• **Data provided**

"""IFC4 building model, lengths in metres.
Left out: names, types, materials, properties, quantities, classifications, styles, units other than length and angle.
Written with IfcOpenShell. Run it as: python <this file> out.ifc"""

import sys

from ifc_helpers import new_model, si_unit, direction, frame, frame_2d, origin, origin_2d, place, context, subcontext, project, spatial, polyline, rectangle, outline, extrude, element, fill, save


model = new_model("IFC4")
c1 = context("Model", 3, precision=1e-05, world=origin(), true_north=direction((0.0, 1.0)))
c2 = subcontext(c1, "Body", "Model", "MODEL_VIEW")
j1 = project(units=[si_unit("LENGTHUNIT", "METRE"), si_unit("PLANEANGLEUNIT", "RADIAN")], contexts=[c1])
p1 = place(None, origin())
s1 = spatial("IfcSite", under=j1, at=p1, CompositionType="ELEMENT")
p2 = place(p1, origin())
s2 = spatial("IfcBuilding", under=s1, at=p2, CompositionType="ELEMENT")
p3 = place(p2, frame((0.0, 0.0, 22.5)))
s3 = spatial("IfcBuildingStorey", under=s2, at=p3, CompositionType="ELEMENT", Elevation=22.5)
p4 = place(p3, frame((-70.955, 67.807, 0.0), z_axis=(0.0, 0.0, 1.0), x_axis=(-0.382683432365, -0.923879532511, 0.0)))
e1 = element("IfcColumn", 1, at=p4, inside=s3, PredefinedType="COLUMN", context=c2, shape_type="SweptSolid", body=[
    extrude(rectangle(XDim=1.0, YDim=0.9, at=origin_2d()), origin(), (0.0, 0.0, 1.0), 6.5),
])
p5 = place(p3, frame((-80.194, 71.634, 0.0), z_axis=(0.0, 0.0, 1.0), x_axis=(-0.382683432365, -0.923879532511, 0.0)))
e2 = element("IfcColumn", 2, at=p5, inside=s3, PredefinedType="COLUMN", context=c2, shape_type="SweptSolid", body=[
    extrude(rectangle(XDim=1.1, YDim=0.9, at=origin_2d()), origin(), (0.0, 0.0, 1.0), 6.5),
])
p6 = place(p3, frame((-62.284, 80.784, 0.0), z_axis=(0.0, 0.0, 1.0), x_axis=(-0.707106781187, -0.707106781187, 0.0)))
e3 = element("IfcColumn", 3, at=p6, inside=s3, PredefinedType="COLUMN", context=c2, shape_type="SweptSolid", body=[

• **Problem requirements**
Transcribe all the data word for word, as it appears above.

• **Result for this task**
"""IFC4 building model, lengths in metres.
Left out: names, types, materials, properties, quantities, classifications, styles, units other than length and angle.
Written with IfcOpenShell. Run it as: python <this file> out.ifc"""

import sys

from ifc_helpers import new_model, si_unit, direction, frame, frame_2d, origin, origin_2d, place, context, subcontext, project, spatial, polyline, rectangle, outline, extrude, element, fill, save


model = new_model("IFC4")
c1 = context("Model", 3, precision=1e-05, world=origin(), true_north=direction((0.0, 1.0)))
c2 = subcontext(c1, "Body", "Model", "MODEL_VIEW")
j1 = project(units=[si_unit("LENGTHUNIT", "METRE"), si_unit("PLANEANGLEUNIT", "RADIAN")], contexts=[c1])
p1 = place(None, origin())
s1 = spatial("IfcSite", under=j1, at=p1, CompositionType="ELEMENT")
p2 = place(p1, origin())
s2 = spatial("IfcBuilding", under=s1, at=p2, CompositionType="ELEMENT")
p3 = place(p2, frame((0.0, 0.0, 22.5)))
s3 = spatial("IfcBuildingStorey", under=s2, at=p3, CompositionType="ELEMENT", Elevation=22.5)
p4 = place(p3, frame((-70.955, 67.807, 0.0), z_axis=(0.0, 0.0, 1.0), x_axis=(-0.382683432365, -0.923879532511, 0.0)))
e1 = element("IfcColumn", 1, at=p4, inside=s3, PredefinedType="COLUMN", context=c2, shape_type="SweptSolid", body=[
    extrude(rectangle(XDim=1.0, YDim=0.9, at=origin_2d()), origin(), (0.0, 0.0, 1.0), 6.5),
])
p5 = place(p3, frame((-80.194, 71.634, 0.0), z_axis=(0.0, 0.0, 1.0), x_axis=(-0.382683432365, -0.923879532511, 0.0)))
e2 = element("IfcColumn", 2, at=p5, inside=s3, PredefinedType="COLUMN", context=c2, shape_type="SweptSolid", body=[
    extrude(rectangle(XDim=1.1, YDim=0.9, at=origin_2d()), origin(), (0.0, 0.0, 1.0), 6.5),
])
p6 = place(p3, frame((-62.284, 80.784, 0.0), z_axis=(0.0, 0.0, 1.0), x_axis=(-0.707106781187, -0.707106781187, 0.0)))
e3 = element("IfcColumn", 3, at=p6, inside=s3, PredefinedType="COLUMN", context=c2, shape_type="SweptSolid", body=[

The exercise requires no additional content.